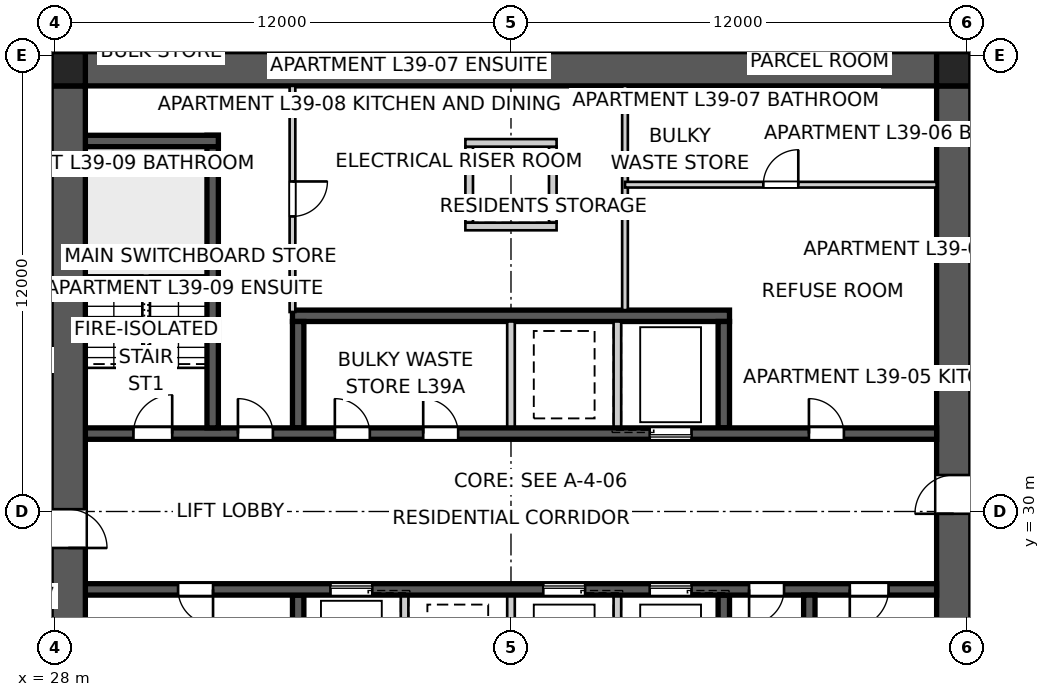
"""IFC4 building model, lengths in metres.
Left out: names, types, materials, properties, quantities, classifications, styles, units other than length and angle.
Written with IfcOpenShell. Run it as: python <this file> out.ifc"""

import sys

from ifc_helpers import new_model, si_unit, direction, frame, frame_2d, origin, origin_2d, place, context, subcontext, project, spatial, polyline, rectangle, outline, extrude, element, fill, save


model = new_model("IFC4")
c1 = context("Model", 3, precision=1e-05, world=origin(), true_north=direction((0.0, 1.0)))
c2 = subcontext(c1, "Body", "Model", "MODEL_VIEW")
j1 = project(units=[si_unit("LENGTHUNIT", "METRE"), si_unit("PLANEANGLEUNIT", "RADIAN")], contexts=[c1])
p1 = place(None, origin())
s1 = spatial("IfcSite", under=j1, at=p1, CompositionType="ELEMENT")
p2 = place(p1, origin())
s2 = spatial("IfcBuilding", under=s1, at=p2, CompositionType="ELEMENT")
p3 = place(p2, frame((0.0, 0.0, 143.8)))
s3 = spatial("IfcBuildingStorey", under=s2, at=p3, CompositionType="ELEMENT", Elevation=143.8)
p4 = place(p3, frame((28.8, 41.65, 0.0), z_axis=(0.0, 0.0, 1.0), x_axis=(1.0, 0.0, 0.0)))
e1 = element("IfcWall", 1, at=p4, inside=s3, PredefinedType="SHEAR", context=c2, shape_type="SweptSolid", body=[
    extrude(outline(polyline([(0.0, -0.45), (22.4, -0.45), (22.4, -0.025), (22.85, -0.025), (22.85, 0.025), (22.4, 0.025), (22.4, 0.45), (0.0, 0.45), (0.0, 0.025), (-0.45, 0.025), (-0.45, -0.025), (0.0, -0.025), (0.0, -0.45)])), origin(), (0.0, 0.0, 1.0), 3.4),
])
p5 = place(p3, frame((51.65, 18.8, 0.0), z_axis=(0.0, 0.0, 1.0), x_axis=(0.0, 1.0, 0.0)))
e2 = element("IfcWall", 2, at=p5, inside=s3, PredefinedType="SHEAR", context=c2, shape_type="SweptSolid", body=[
    extrude(outline(polyline([(0.0, -0.45), (22.4, -0.45), (22.4, -0.025), (22.85, -0.025), (22.85, 0.025), (22.4, 0.025), (22.4, 0.45), (0.0, 0.45), (0.0, 0.025), (-0.45, 0.025), (-0.45, -0.025), (0.0, -0.025), (0.0, -0.45)])), origin(), (0.0, 0.0, 1.0), 3.4),
])
p6 = place(p5, frame((11.14, 0.0, 0.0)))
e3 = element("IfcOpeningElement", 3, at=p6, cuts=e2, PredefinedType="OPENING", context=c2, shape_type="SweptSolid", body=[
    extrude(rectangle(XDim=1.02, YDim=2.4, at=frame_2d((0.51, 1.2))), frame((0.0, 0.46, 0.0), z_axis=(0.0, -1.0, 0.0), x_axis=(1.0, 0.0, 0.0)), (0.0, 0.0, 1.0), 0.92),
])
p7 = place(p3, frame((28.35, 41.2, 0.0), z_axis=(0.0, 0.0, 1.0), x_axis=(0.0, -1.0, 0.0)))
e4 = element("IfcWall", 4, at=p7, inside=s3, PredefinedType="SHEAR", context=c2, shape_type="SweptSolid", body=[
    extrude(outline(polyline([(0.0, -0.45), (22.4, -0.45), (22.4, -0.025), (22.85, -0.025), (22.85, 0.025), (22.4, 0.025), (22.4, 0.45), (0.0, 0.45), (0.0, 0.025), (-0.45, 0.025), (-0.45, -0.025), (0.0, -0.025), (0.0, -0.45)])), origin(), (0.0, 0.0, 1.0), 3.4),
])
p8 = place(p7, frame((11.14, 0.0, 0.0)))
e5 = element("IfcOpeningElement", 5, at=p8, cuts=e4, PredefinedType="OPENING", context=c2, shape_type="SweptSolid", body=[
    extrude(rectangle(XDim=1.02, YDim=2.4, at=frame_2d((0.51, 1.2))), frame((0.0, 0.46, 0.0), z_axis=(0.0, -1.0, 0.0), x_axis=(1.0, 0.0, 0.0)), (0.0, 0.0, 1.0), 0.92),
])
p9 = place(p3, frame((28.8, 32.05, 0.0), z_axis=(0.0, 0.0, 1.0), x_axis=(1.0, 0.0, 0.0)))
e6 = element("IfcWall", 6, at=p9, inside=s3, PredefinedType="SHEAR", context=c2, shape_type="SweptSolid", body=[
    extrude(rectangle(XDim=22.4, YDim=0.3, at=frame_2d((11.2, 0.0))), origin(), (0.0, 0.0, 1.0), 3.4),
])
p10 = place(p9, frame((19.04, 0.0, 0.0)))
e7 = element("IfcOpeningElement", 7, at=p10, cuts=e6, PredefinedType="OPENING", context=c2, shape_type="SweptSolid", body=[
    extrude(rectangle(XDim=0.92, YDim=2.1, at=frame_2d((0.46, 1.05))), frame((0.0, 0.16, 0.0), z_axis=(0.0, -1.0, 0.0), x_axis=(1.0, 0.0, 0.0)), (0.0, 0.0, 1.0), 0.32),
])
p11 = place(p9, frame((1.265, 0.0, 0.0)))
e8 = element("IfcOpeningElement", 8, at=p11, cuts=e6, PredefinedType="OPENING", context=c2, shape_type="SweptSolid", body=[
    extrude(rectangle(XDim=1.02, YDim=2.1, at=frame_2d((0.51, 1.05))), frame((0.0, 0.16, 0.0), z_axis=(0.0, -1.0, 0.0), x_axis=(1.0, 0.0, 0.0)), (0.0, 0.0, 1.0), 0.32),
])
p12 = place(p9, frame((4.015, 0.0, 0.0)))
e9 = element("IfcOpeningElement", 9, at=p12, cuts=e6, PredefinedType="OPENING", context=c2, shape_type="SweptSolid", body=[
    extrude(rectangle(XDim=0.92, YDim=2.1, at=frame_2d((0.46, 1.05))), frame((0.0, 0.16, 0.0), z_axis=(0.0, -1.0, 0.0), x_axis=(1.0, 0.0, 0.0)), (0.0, 0.0, 1.0), 0.32),
])
p13 = place(p9, frame((6.565, 0.0, 0.0)))
e10 = element("IfcOpeningElement", 10, at=p13, cuts=e6, PredefinedType="OPENING", context=c2, shape_type="SweptSolid", body=[
    extrude(rectangle(XDim=0.92, YDim=2.1, at=frame_2d((0.46, 1.05))), frame((0.0, 0.16, 0.0), z_axis=(0.0, -1.0, 0.0), x_axis=(1.0, 0.0, 0.0)), (0.0, 0.0, 1.0), 0.32),
])
p14 = place(p9, frame((8.89, 0.0, 0.0)))
e11 = element("IfcOpeningElement", 11, at=p14, cuts=e6, PredefinedType="OPENING", context=c2, shape_type="SweptSolid", body=[
    extrude(rectangle(XDim=0.92, YDim=2.1, at=frame_2d((0.46, 1.05))), frame((0.0, 0.16, 0.0), z_axis=(0.0, -1.0, 0.0), x_axis=(1.0, 0.0, 0.0)), (0.0, 0.0, 1.0), 0.32),
])
p15 = place(p9, frame((14.85, 0.0, 0.0)))
e12 = element("IfcOpeningElement", 12, at=p15, cuts=e6, PredefinedType="OPENING", context=c2, shape_type="SweptSolid", body=[
    extrude(rectangle(XDim=1.1, YDim=2.1, at=frame_2d((0.55, 1.05))), frame((0.0, 0.16, 0.0), z_axis=(0.0, -1.0, 0.0), x_axis=(1.0, 0.0, 0.0)), (0.0, 0.0, 1.0), 0.32),
])
p16 = place(p3, frame((51.2, 27.95, 0.0), z_axis=(0.0, 0.0, 1.0), x_axis=(-1.0, 0.0, 0.0)))
e13 = element("IfcWall", 13, at=p16, inside=s3, PredefinedType="SHEAR", context=c2, shape_type="SweptSolid", body=[
    extrude(rectangle(XDim=22.4, YDim=0.3, at=frame_2d((11.2, 0.0))), origin(), (0.0, 0.0, 1.0), 3.4),
])
p17 = place(p16, frame((19.04, 0.0, 0.0)))
e14 = element("IfcOpeningElement", 14, at=p17, cuts=e13, PredefinedType="OPENING", context=c2, shape_type="SweptSolid", body=[
    extrude(rectangle(XDim=0.92, YDim=2.1, at=frame_2d((0.46, 1.05))), frame((0.0, 0.16, 0.0), z_axis=(0.0, -1.0, 0.0), x_axis=(1.0, 0.0, 0.0)), (0.0, 0.0, 1.0), 0.32),
])
p18 = place(p16, frame((1.265, 0.0, 0.0)))
e15 = element("IfcOpeningElement", 15, at=p18, cuts=e13, PredefinedType="OPENING", context=c2, shape_type="SweptSolid", body=[
    extrude(rectangle(XDim=1.02, YDim=2.1, at=frame_2d((0.51, 1.05))), frame((0.0, 0.16, 0.0), z_axis=(0.0, -1.0, 0.0), x_axis=(1.0, 0.0, 0.0)), (0.0, 0.0, 1.0), 0.32),
])
p19 = place(p16, frame((4.015, 0.0, 0.0)))
e16 = element("IfcOpeningElement", 16, at=p19, cuts=e13, PredefinedType="OPENING", context=c2, shape_type="SweptSolid", body=[
    extrude(rectangle(XDim=0.92, YDim=2.1, at=frame_2d((0.46, 1.05))), frame((0.0, 0.16, 0.0), z_axis=(0.0, -1.0, 0.0), x_axis=(1.0, 0.0, 0.0)), (0.0, 0.0, 1.0), 0.32),
])
p20 = place(p16, frame((6.45, 0.0, 0.0)))
e17 = element("IfcOpeningElement", 17, at=p20, cuts=e13, PredefinedType="OPENING", context=c2, shape_type="SweptSolid", body=[
    extrude(rectangle(XDim=1.1, YDim=2.1, at=frame_2d((0.55, 1.05))), frame((0.0, 0.16, 0.0), z_axis=(0.0, -1.0, 0.0), x_axis=(1.0, 0.0, 0.0)), (0.0, 0.0, 1.0), 0.32),
])
p21 = place(p16, frame((9.25, 0.0, 0.0)))
e18 = element("IfcOpeningElement", 18, at=p21, cuts=e13, PredefinedType="OPENING", context=c2, shape_type="SweptSolid", body=[
    extrude(rectangle(XDim=1.1, YDim=2.1, at=frame_2d((0.55, 1.05))), frame((0.0, 0.16, 0.0), z_axis=(0.0, -1.0, 0.0), x_axis=(1.0, 0.0, 0.0)), (0.0, 0.0, 1.0), 0.32),
])
p22 = place(p16, frame((14.85, 0.0, 0.0)))
e19 = element("IfcOpeningElement", 19, at=p22, cuts=e13, PredefinedType="OPENING", context=c2, shape_type="SweptSolid", body=[
    extrude(rectangle(XDim=1.1, YDim=2.1, at=frame_2d((0.55, 1.05))), frame((0.0, 0.16, 0.0), z_axis=(0.0, -1.0, 0.0), x_axis=(1.0, 0.0, 0.0)), (0.0, 0.0, 1.0), 0.32),
])
p23 = place(p3, frame((34.25, 35.15, 0.0), z_axis=(0.0, 0.0, 1.0), x_axis=(1.0, 0.0, 0.0)))
e20 = element("IfcWall", 20, at=p23, inside=s3, PredefinedType="SHEAR", context=c2, shape_type="SweptSolid", body=[
    extrude(rectangle(XDim=11.5, YDim=0.3, at=frame_2d((5.75, 0.0))), origin(), (0.0, 0.0, 1.0), 3.4),
])
for number, where, z_axis, x_axis in (
    (21, (34.4, 32.2, 0.0), (0.0, 0.0, 1.0), (0.0, 1.0, 0.0)),
    (22, (45.6, 27.8, 0.0), (0.0, 0.0, 1.0), (0.0, -1.0, 0.0)),
):
    element("IfcWall", number, at=place(p3, frame(where, z_axis=z_axis, x_axis=x_axis)), inside=s3, PredefinedType="SHEAR", context=c2, shape_type="SweptSolid", body=[
        extrude(rectangle(XDim=2.8, YDim=0.3, at=frame_2d((1.4, 0.0))), origin(), (0.0, 0.0, 1.0), 3.4),
    ])
for number, where, z_axis, x_axis in (
    (23, (42.8, 27.8, 0.0), (0.0, 0.0, 1.0), (0.0, -1.0, 0.0)),
    (24, (40.0, 32.2, 0.0), (0.0, 0.0, 1.0), (0.0, 1.0, 0.0)),
    (25, (40.0, 27.8, 0.0), (0.0, 0.0, 1.0), (0.0, -1.0, 0.0)),
    (26, (42.8, 32.2, 0.0), (0.0, 0.0, 1.0), (0.0, 1.0, 0.0)),
    (27, (37.2, 27.8, 0.0), (0.0, 0.0, 1.0), (0.0, -1.0, 0.0)),
):
    element("IfcWall", number, at=place(p3, frame(where, z_axis=z_axis, x_axis=x_axis)), inside=s3, PredefinedType="SOLIDWALL", context=c2, shape_type="SweptSolid", body=[
        extrude(rectangle(XDim=2.8, YDim=0.2, at=frame_2d((1.4, 0.0))), origin(), (0.0, 0.0, 1.0), 3.4),
    ])
for number, where, z_axis, x_axis in (
    (28, (45.6, 32.2, 0.0), (0.0, 0.0, 1.0), (0.0, 1.0, 0.0)),
    (29, (34.4, 27.8, 0.0), (0.0, 0.0, 1.0), (0.0, -1.0, 0.0)),
):
    element("IfcWall", number, at=place(p3, frame(where, z_axis=z_axis, x_axis=x_axis)), inside=s3, PredefinedType="SHEAR", context=c2, shape_type="SweptSolid", body=[
        extrude(rectangle(XDim=2.8, YDim=0.3, at=frame_2d((1.4, 0.0))), origin(), (0.0, 0.0, 1.0), 3.4),
    ])
p24 = place(p3, frame((32.15, 32.2, 0.0), z_axis=(0.0, 0.0, 1.0), x_axis=(0.0, 1.0, 0.0)))
e30 = element("IfcWall", 30, at=p24, inside=s3, PredefinedType="SHEAR", context=c2, shape_type="SweptSolid", body=[
    extrude(rectangle(XDim=7.7, YDim=0.3, at=frame_2d((3.85, 0.0))), origin(), (0.0, 0.0, 1.0), 3.4),
])
p25 = place(p3, frame((28.8, 39.75, 0.0), z_axis=(0.0, 0.0, 1.0), x_axis=(1.0, 0.0, 0.0)))
e31 = element("IfcWall", 31, at=p25, inside=s3, PredefinedType="SHEAR", context=c2, shape_type="SweptSolid", body=[
    extrude(rectangle(XDim=3.5, YDim=0.3, at=frame_2d((1.75, 0.0))), origin(), (0.0, 0.0, 1.0), 3.4),
])
p26 = place(p3, frame((47.85, 27.8, 0.0), z_axis=(0.0, 0.0, 1.0), x_axis=(0.0, -1.0, 0.0)))
e32 = element("IfcWall", 32, at=p26, inside=s3, PredefinedType="SHEAR", context=c2, shape_type="SweptSolid", body=[
    extrude(rectangle(XDim=7.7, YDim=0.3, at=frame_2d((3.85, 0.0))), origin(), (0.0, 0.0, 1.0), 3.4),
])
for number, where, z_axis, x_axis in (
    (33, (38.9, 37.6, 0.0), (0.0, 0.0, 1.0), (0.0, 1.0, 0.0)),
    (34, (41.1, 37.6, 0.0), (0.0, 0.0, 1.0), (0.0, 1.0, 0.0)),
):
    element("IfcWall", number, at=place(p3, frame(where, z_axis=z_axis, x_axis=x_axis)), inside=s3, PredefinedType="SOLIDWALL", context=c2, shape_type="SweptSolid", body=[
        extrude(rectangle(XDim=2.0, YDim=0.2, at=frame_2d((1.0, 0.0))), origin(), (0.0, 0.0, 1.0), 3.4),
    ])
for number, where, z_axis, x_axis in (
    (35, (38.8, 37.5, 0.0), (0.0, 0.0, 1.0), (1.0, 0.0, 0.0)),
    (36, (38.8, 39.7, 0.0), (0.0, 0.0, 1.0), (1.0, 0.0, 0.0)),
):
    element("IfcWall", number, at=place(p3, frame(where, z_axis=z_axis, x_axis=x_axis)), inside=s3, PredefinedType="SOLIDWALL", context=c2, shape_type="SweptSolid", body=[
        extrude(rectangle(XDim=2.4, YDim=0.2, at=frame_2d((1.2, 0.0))), origin(), (0.0, 0.0, 1.0), 3.4),
    ])
for number, where, z_axis, x_axis in (
    (37, (51.65, 41.65, 0.0), (0.0, 0.0, 1.0), (1.0, 0.0, 0.0)),
    (38, (28.35, 41.65, 0.0), (0.0, 0.0, 1.0), (1.0, 0.0, 0.0)),
):
    element("IfcColumn", number, at=place(p3, frame(where, z_axis=z_axis, x_axis=x_axis)), inside=s3, PredefinedType="COLUMN", context=c2, shape_type="SweptSolid", body=[
        extrude(rectangle(XDim=0.9, YDim=0.9, at=origin_2d()), origin(), (0.0, 0.0, 1.0), 3.4),
    ])
p27 = place(p3, frame((34.25, 41.2, 0.0), z_axis=(0.0, 0.0, 1.0), x_axis=(0.0, -1.0, 0.0)))
e39 = element("IfcWall", 39, at=p27, inside=s3, PredefinedType="SOLIDWALL", context=c2, shape_type="SweptSolid", body=[
    extrude(rectangle(XDim=5.95, YDim=0.15, at=frame_2d((2.975, 0.0))), origin(), (0.0, 0.0, 1.0), 3.25),
])
p28 = place(p27, frame((2.515, 0.0, 0.0)))
e40 = element("IfcOpeningElement", 40, at=p28, cuts=e39, PredefinedType="OPENING", context=c2, shape_type="SweptSolid", body=[
    extrude(rectangle(XDim=0.92, YDim=2.1, at=frame_2d((0.46, 1.05))), frame((0.0, 0.085, 0.0), z_axis=(0.0, -1.0, 0.0), x_axis=(1.0, 0.0, 0.0)), (0.0, 0.0, 1.0), 0.17),
])
p29 = place(p3, frame((43.0, 41.2, 0.0), z_axis=(0.0, 0.0, 1.0), x_axis=(0.0, -1.0, 0.0)))
e41 = element("IfcWall", 41, at=p29, inside=s3, PredefinedType="SOLIDWALL", context=c2, shape_type="SweptSolid", body=[
    extrude(rectangle(XDim=5.9, YDim=0.15, at=frame_2d((2.95, 0.0))), origin(), (0.0, 0.0, 1.0), 3.25),
])
p30 = place(p3, frame((43.0, 38.6, 0.0), z_axis=(0.0, 0.0, 1.0), x_axis=(1.0, 0.0, 0.0)))
e42 = element("IfcWall", 42, at=p30, inside=s3, PredefinedType="SOLIDWALL", context=c2, shape_type="SweptSolid", body=[
    extrude(rectangle(XDim=8.2, YDim=0.15, at=frame_2d((4.1, 0.0))), origin(), (0.0, 0.0, 1.0), 3.25),
])
p31 = place(p30, frame((3.64, 0.0, 0.0)))
e43 = element("IfcOpeningElement", 43, at=p31, cuts=e42, PredefinedType="OPENING", context=c2, shape_type="SweptSolid", body=[
    extrude(rectangle(XDim=0.92, YDim=2.1, at=frame_2d((0.46, 1.05))), frame((0.0, 0.085, 0.0), z_axis=(0.0, -1.0, 0.0), x_axis=(1.0, 0.0, 0.0)), (0.0, 0.0, 1.0), 0.17),
])
p32 = place(p3, frame((27.9, 44.35, 0.0), z_axis=(0.0, 0.0, 1.0), x_axis=(0.0, -1.0, 0.0)))
e44 = element("IfcWall", 44, at=p32, inside=s3, PredefinedType="PARTITIONING", context=c2, shape_type="SweptSolid", body=[
    extrude(rectangle(XDim=2.3, YDim=0.2, at=frame_2d((1.15, 0.0))), origin(), (0.0, 0.0, 1.0), 3.25),
])
p33 = place(p3, frame((52.1, 41.18, 0.0), z_axis=(0.0, 0.0, 1.0), x_axis=(0.0, 1.0, 0.0)))
e45 = element("IfcWall", 45, at=p33, inside=s3, PredefinedType="PARTITIONING", context=c2, shape_type="SweptSolid", body=[
    extrude(rectangle(XDim=3.17, YDim=0.2, at=frame_2d((1.585, 0.0))), origin(), (0.0, 0.0, 1.0), 3.25),
])
p34 = place(p10, origin())
e46 = element("IfcDoor", 46, at=p34, inside=s3, OperationType="SINGLE_SWING_LEFT", PredefinedType="DOOR", context=c2, shape_type="SweptSolid", body=[
    extrude(rectangle(XDim=0.92, YDim=2.1, at=frame_2d((0.46, 1.05))), frame((0.0, 0.025, 0.0), z_axis=(0.0, -1.0, 0.0), x_axis=(1.0, 0.0, 0.0)), (0.0, 0.0, 1.0), 0.05),
])
fill(e7, e46)
p35 = place(p17, origin())
e47 = element("IfcDoor", 47, at=p35, inside=s3, OperationType="SINGLE_SWING_LEFT", PredefinedType="DOOR", context=c2, shape_type="SweptSolid", body=[
    extrude(rectangle(XDim=0.92, YDim=2.1, at=frame_2d((0.46, 1.05))), frame((0.0, 0.025, 0.0), z_axis=(0.0, -1.0, 0.0), x_axis=(1.0, 0.0, 0.0)), (0.0, 0.0, 1.0), 0.05),
])
fill(e14, e47)
p36 = place(p18, origin())
e48 = element("IfcDoor", 48, at=p36, inside=s3, OperationType="SINGLE_SWING_RIGHT", PredefinedType="DOOR", context=c2, shape_type="SweptSolid", body=[
    extrude(rectangle(XDim=1.02, YDim=2.1, at=frame_2d((0.51, 1.05))), frame((0.0, 0.025, 0.0), z_axis=(0.0, -1.0, 0.0), x_axis=(1.0, 0.0, 0.0)), (0.0, 0.0, 1.0), 0.05),
])
fill(e15, e48)
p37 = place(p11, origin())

REQUIRED WORK
Return each line of the data that contains the string "under".

RESPONSE BOX
s1 = spatial("IfcSite", under=j1, at=p1, CompositionType="ELEMENT")
s2 = spatial("IfcBuilding", under=s1, at=p2, CompositionType="ELEMENT")
s3 = spatial("IfcBuildingStorey", under=s2, at=p3, CompositionType="ELEMENT", Elevation=143.8)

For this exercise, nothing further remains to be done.